(Extracted records)
______

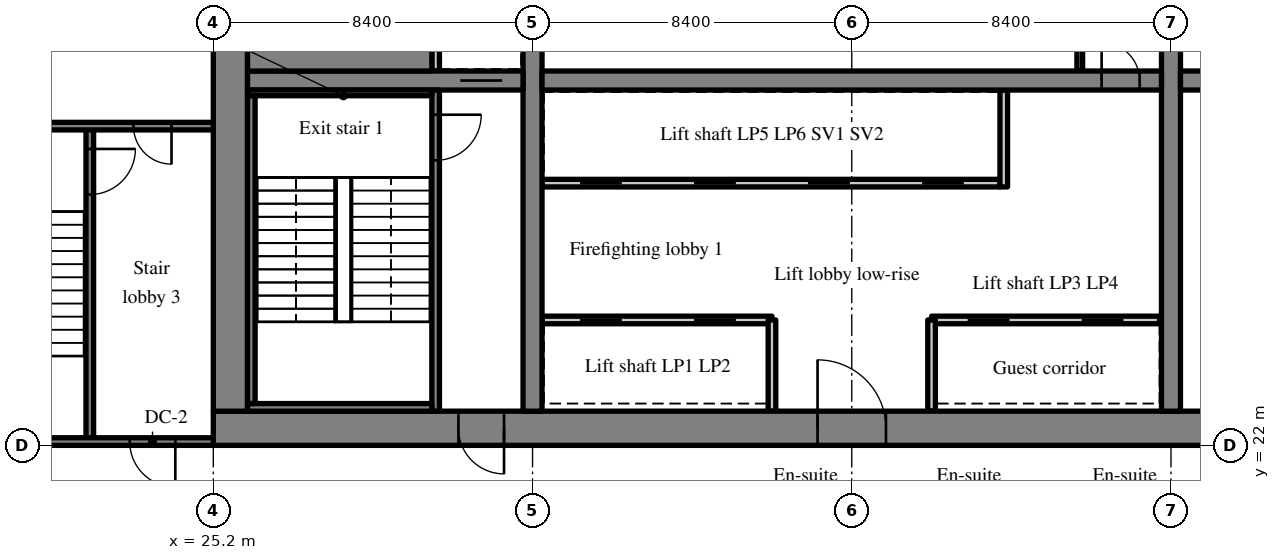
"""IFC4 building model, lengths in metres.
Left out: names, types, materials, properties, quantities, classifications, styles, units other than length and angle.
Written with IfcOpenShell. Run it as: python <this file> out.ifc"""

import sys

from ifc_helpers import new_model, si_unit, direction, frame, frame_2d, origin, place, context, subcontext, project, spatial, rectangle, extrude, source, transform, mapped, element, fill, save


model = new_model("IFC4")
c1 = context("Model", 3, precision=1e-05, world=origin(), true_north=direction((0.0, 1.0)))
c2 = subcontext(c1, "Body", "Model", "MODEL_VIEW")
j1 = project(units=[si_unit("LENGTHUNIT", "METRE"), si_unit("PLANEANGLEUNIT", "RADIAN")], contexts=[c1])
p1 = place(None, origin())
s1 = spatial("IfcSite", under=j1, at=p1, CompositionType="ELEMENT")
p2 = place(p1, origin())
s2 = spatial("IfcBuilding", under=s1, at=p2, CompositionType="ELEMENT")
p3 = place(p2, frame((0.0, 0.0, 125.6)))
s3 = spatial("IfcBuildingStorey", under=s2, at=p3, CompositionType="ELEMENT", Elevation=125.6)
m1 = source(origin(), c2, "Body", "SweptSolid", [
    extrude(rectangle(XDim=50.4, YDim=0.9, at=frame_2d((25.2, 0.0))), origin(), (0.0, 0.0, 1.0), 3.52),
])
p4 = place(p3, frame((25.2, 22.45, 0.0), z_axis=(0.0, 0.0, 1.0), x_axis=(1.0, 0.0, 0.0)))
e1 = element("IfcWall", 1, at=p4, inside=s3, PredefinedType="SHEAR", context=c2, shape_type="MappedRepresentation", body=[
    mapped(m1, transform((0.0, 0.0, 0.0), scale=1.0)),
])
m2 = source(origin(), c2, "Body", "SweptSolid", [
    extrude(rectangle(XDim=1.8, YDim=2.1, at=frame_2d((0.9, 1.05))), frame((0.0, 0.46, 0.0), z_axis=(0.0, -1.0, 0.0), x_axis=(1.0, 0.0, 0.0)), (0.0, 0.0, 1.0), 0.92),
])
p5 = place(p4, frame((15.9, 0.0, 0.0)))
e2 = element("IfcOpeningElement", 2, at=p5, cuts=e1, PredefinedType="OPENING", context=c2, shape_type="MappedRepresentation", body=[
    mapped(m2, transform((0.0, 0.0, 0.0), scale=1.0)),
])
m3 = source(origin(), c2, "Body", "SweptSolid", [
    extrude(rectangle(XDim=1.2, YDim=2.1, at=frame_2d((0.6, 1.05))), frame((0.0, 0.46, 0.0), z_axis=(0.0, -1.0, 0.0), x_axis=(1.0, 0.0, 0.0)), (0.0, 0.0, 1.0), 0.92),
])
p6 = place(p4, frame((26.975, 0.0, 0.0)))
e3 = element("IfcOpeningElement", 3, at=p6, cuts=e1, PredefinedType="OPENING", context=c2, shape_type="MappedRepresentation", body=[
    mapped(m3, transform((0.0, 0.0, 0.0), scale=1.0)),
])
m4 = source(origin(), c2, "Body", "SweptSolid", [
    extrude(rectangle(XDim=0.9, YDim=2.1, at=frame_2d((0.45, 1.05))), frame((0.0, 0.46, 0.0), z_axis=(0.0, -1.0, 0.0), x_axis=(1.0, 0.0, 0.0)), (0.0, 0.0, 1.0), 0.92),
])
p7 = place(p4, frame((33.75, 0.0, 0.0)))
e4 = element("IfcOpeningElement", 4, at=p7, cuts=e1, PredefinedType="OPENING", context=c2, shape_type="MappedRepresentation", body=[
    mapped(m4, transform((0.0, 0.0, 0.0), scale=1.0)),
])
p8 = place(p4, frame((30.75, 0.0, 0.0)))
e5 = element("IfcOpeningElement", 5, at=p8, cuts=e1, PredefinedType="OPENING", context=c2, shape_type="MappedRepresentation", body=[
    mapped(m4, transform((0.0, 0.0, 0.0), scale=1.0)),
])
p9 = place(p4, frame((38.275, 0.0, 0.0)))
e6 = element("IfcOpeningElement", 6, at=p9, cuts=e1, PredefinedType="OPENING", context=c2, shape_type="MappedRepresentation", body=[
    mapped(m4, transform((0.0, 0.0, 0.0), scale=1.0)),
])
p10 = place(p4, frame((6.45, 0.0, 0.0)))
e7 = element("IfcOpeningElement", 7, at=p10, cuts=e1, PredefinedType="OPENING", context=c2, shape_type="MappedRepresentation", body=[
    mapped(m3, transform((0.0, 0.0, 0.0), scale=1.0)),
])
p11 = place(p4, frame((47.775, 0.0, 0.0)))
e8 = element("IfcOpeningElement", 8, at=p11, cuts=e1, PredefinedType="OPENING", context=c2, shape_type="MappedRepresentation", body=[
    mapped(m3, transform((0.0, 0.0, 0.0), scale=1.0)),
])
m5 = source(origin(), c2, "Body", "SweptSolid", [
    extrude(rectangle(XDim=18.2, YDim=0.9, at=frame_2d((9.1, 0.0))), origin(), (0.0, 0.0, 1.0), 3.52),
])
p12 = place(p3, frame((25.65, 22.9, 0.0), z_axis=(0.0, 0.0, 1.0), x_axis=(0.0, 1.0, 0.0)))
e9 = element("IfcWall", 9, at=p12, inside=s3, PredefinedType="SHEAR", context=c2, shape_type="MappedRepresentation", body=[
    mapped(m5, transform((0.0, 0.0, 0.0), scale=1.0)),
])
m6 = source(origin(), c2, "Body", "SweptSolid", [
    extrude(rectangle(XDim=18.2, YDim=0.5, at=frame_2d((9.1, 0.0))), origin(), (0.0, 0.0, 1.0), 3.52),
])
p13 = place(p3, frame((33.6, 22.9, 0.0), z_axis=(0.0, 0.0, 1.0), x_axis=(0.0, 1.0, 0.0)))
e10 = element("IfcWall", 10, at=p13, inside=s3, PredefinedType="SHEAR", context=c2, shape_type="MappedRepresentation", body=[
    mapped(m6, transform((0.0, 0.0, 0.0), scale=1.0)),
])
m7 = source(origin(), c2, "Body", "SweptSolid", [
    extrude(rectangle(XDim=1.1, YDim=2.1, at=frame_2d((0.55, 1.05))), frame((0.0, 0.26, 0.0), z_axis=(0.0, -1.0, 0.0), x_axis=(1.0, 0.0, 0.0)), (0.0, 0.0, 1.0), 0.52),
])
p14 = place(p13, frame((12.55, 0.0, 0.0)))
e11 = element("IfcOpeningElement", 11, at=p14, cuts=e10, PredefinedType="OPENING", context=c2, shape_type="MappedRepresentation", body=[
    mapped(m7, transform((0.0, 0.0, 0.0), scale=1.0)),
])
p15 = place(p3, frame((50.4, 22.9, 0.0), z_axis=(0.0, 0.0, 1.0), x_axis=(0.0, 1.0, 0.0)))
e12 = element("IfcWall", 12, at=p15, inside=s3, PredefinedType="SHEAR", context=c2, shape_type="MappedRepresentation", body=[
    mapped(m6, transform((0.0, 0.0, 0.0), scale=1.0)),
])
p16 = place(p15, frame((12.55, 0.0, 0.0)))
e13 = element("IfcOpeningElement", 13, at=p16, cuts=e12, PredefinedType="OPENING", context=c2, shape_type="MappedRepresentation", body=[
    mapped(m7, transform((0.0, 0.0, 0.0), scale=1.0)),
])
m8 = source(origin(), c2, "Body", "SweptSolid", [
    extrude(rectangle(XDim=7.25, YDim=0.5, at=frame_2d((3.625, 0.0))), origin(), (0.0, 0.0, 1.0), 3.52),
])
p17 = place(p3, frame((26.1, 31.6, 0.0), z_axis=(0.0, 0.0, 1.0), x_axis=(1.0, 0.0, 0.0)))
e14 = element("IfcWall", 14, at=p17, inside=s3, PredefinedType="SHEAR", context=c2, shape_type="MappedRepresentation", body=[
    mapped(m8, transform((0.0, 0.0, 0.0), scale=1.0)),
])
p18 = place(p17, frame((5.6, 0.0, 0.0)))
e15 = element("IfcOpeningElement", 15, at=p18, cuts=e14, PredefinedType="OPENING", context=c2, shape_type="MappedRepresentation", body=[
    mapped(m7, transform((0.0, 0.0, 0.0), scale=1.0)),
])
m9 = source(origin(), c2, "Body", "SweptSolid", [
    extrude(rectangle(XDim=16.3, YDim=0.5, at=frame_2d((8.15, 0.0))), origin(), (0.0, 0.0, 1.0), 3.52),
])
p19 = place(p3, frame((33.85, 31.6, 0.0), z_axis=(0.0, 0.0, 1.0), x_axis=(1.0, 0.0, 0.0)))
e16 = element("IfcWall", 16, at=p19, inside=s3, PredefinedType="SHEAR", context=c2, shape_type="MappedRepresentation", body=[
    mapped(m9, transform((0.0, 0.0, 0.0), scale=1.0)),
])
m10 = source(origin(), c2, "Body", "SweptSolid", [
    extrude(rectangle(XDim=1.0, YDim=2.1, at=frame_2d((0.5, 1.05))), frame((0.0, 0.26, 0.0), z_axis=(0.0, -1.0, 0.0), x_axis=(1.0, 0.0, 0.0)), (0.0, 0.0, 1.0), 0.52),
])
p20 = place(p19, frame((14.725, 0.0, 0.0)))
e17 = element("IfcOpeningElement", 17, at=p20, cuts=e16, PredefinedType="OPENING", context=c2, shape_type="MappedRepresentation", body=[
    mapped(m10, transform((0.0, 0.0, 0.0), scale=1.0)),
])
m11 = source(origin(), c2, "Body", "SweptSolid", [
    extrude(rectangle(XDim=16.3, YDim=0.5, at=frame_2d((8.15, 0.0))), origin(), (0.0, 0.0, 1.0), 3.52),
])
p21 = place(p3, frame((50.65, 31.6, 0.0), z_axis=(0.0, 0.0, 1.0), x_axis=(1.0, 0.0, 0.0)))
e18 = element("IfcWall", 18, at=p21, inside=s3, PredefinedType="SHEAR", context=c2, shape_type="MappedRepresentation", body=[
    mapped(m11, transform((0.0, 0.0, 0.0), scale=1.0)),
])
p22 = place(p21, frame((0.575, 0.0, 0.0)))
e19 = element("IfcOpeningElement", 19, at=p22, cuts=e18, PredefinedType="OPENING", context=c2, shape_type="MappedRepresentation", body=[
    mapped(m10, transform((0.0, 0.0, 0.0), scale=1.0)),
])
m12 = source(origin(), c2, "Body", "SweptSolid", [
    extrude(rectangle(XDim=6.05, YDim=0.2, at=frame_2d((3.025, 0.0))), origin(), (0.0, 0.0, 1.0), 3.52),
])
p23 = place(p3, frame((33.85, 25.3, 0.0), z_axis=(0.0, 0.0, 1.0), x_axis=(1.0, 0.0, 0.0)))
e20 = element("IfcWall", 20, at=p23, inside=s3, PredefinedType="SOLIDWALL", context=c2, shape_type="MappedRepresentation", body=[
    mapped(m12, transform((0.0, 0.0, 0.0), scale=1.0)),
])
m13 = source(origin(), c2, "Body", "SweptSolid", [
    extrude(rectangle(XDim=1.1, YDim=2.1, at=frame_2d((0.55, 1.05))), frame((0.0, 0.11, 0.0), z_axis=(0.0, -1.0, 0.0), x_axis=(1.0, 0.0, 0.0)), (0.0, 0.0, 1.0), 0.22),
])
p24 = place(p23, frame((1.0, 0.0, 0.0)))
e21 = element("IfcOpeningElement", 21, at=p24, cuts=e20, PredefinedType="OPENING", context=c2, shape_type="MappedRepresentation", body=[
    mapped(m13, transform((0.0, 0.0, 0.0), scale=1.0)),
])
p25 = place(p23, frame((4.0, 0.0, 0.0)))
e22 = element("IfcOpeningElement", 22, at=p25, cuts=e20, PredefinedType="OPENING", context=c2, shape_type="MappedRepresentation", body=[
    mapped(m13, transform((0.0, 0.0, 0.0), scale=1.0)),
])
m14 = source(origin(), c2, "Body", "SweptSolid", [
    extrude(rectangle(XDim=6.0, YDim=0.2, at=frame_2d((3.0, 0.0))), origin(), (0.0, 0.0, 1.0), 3.52),
])
p26 = place(p3, frame((44.1, 25.3, 0.0), z_axis=(0.0, 0.0, 1.0), x_axis=(1.0, 0.0, 0.0)))
e23 = element("IfcWall", 23, at=p26, inside=s3, PredefinedType="SOLIDWALL", context=c2, shape_type="MappedRepresentation", body=[
    mapped(m14, transform((0.0, 0.0, 0.0), scale=1.0)),
])
p27 = place(p26, frame((0.95, 0.0, 0.0)))
e24 = element("IfcOpeningElement", 24, at=p27, cuts=e23, PredefinedType="OPENING", context=c2, shape_type="MappedRepresentation", body=[
    mapped(m13, transform((0.0, 0.0, 0.0), scale=1.0)),
])
p28 = place(p26, frame((3.95, 0.0, 0.0)))
e25 = element("IfcOpeningElement", 25, at=p28, cuts=e23, PredefinedType="OPENING", context=c2, shape_type="MappedRepresentation", body=[
    mapped(m13, transform((0.0, 0.0, 0.0), scale=1.0)),
])
m15 = source(origin(), c2, "Body", "SweptSolid", [
    extrude(rectangle(XDim=12.05, YDim=0.2, at=frame_2d((6.025, 0.0))), origin(), (0.0, 0.0, 1.0), 3.52),
])
p29 = place(p3, frame((33.85, 28.9, 0.0), z_axis=(0.0, 0.0, 1.0), x_axis=(1.0, 0.0, 0.0)))
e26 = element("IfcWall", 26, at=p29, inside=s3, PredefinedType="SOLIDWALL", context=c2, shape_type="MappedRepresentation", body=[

______

## Work to be completed:
Each line of the entries where the string "CompositionType" occurs should be shown.

## Completed task:
s1 = spatial("IfcSite", under=j1, at=p1, CompositionType="ELEMENT")
s2 = spatial("IfcBuilding", under=s1, at=p2, CompositionType="ELEMENT")
s3 = spatial("IfcBuildingStorey", under=s2, at=p3, CompositionType="ELEMENT", Elevation=125.6)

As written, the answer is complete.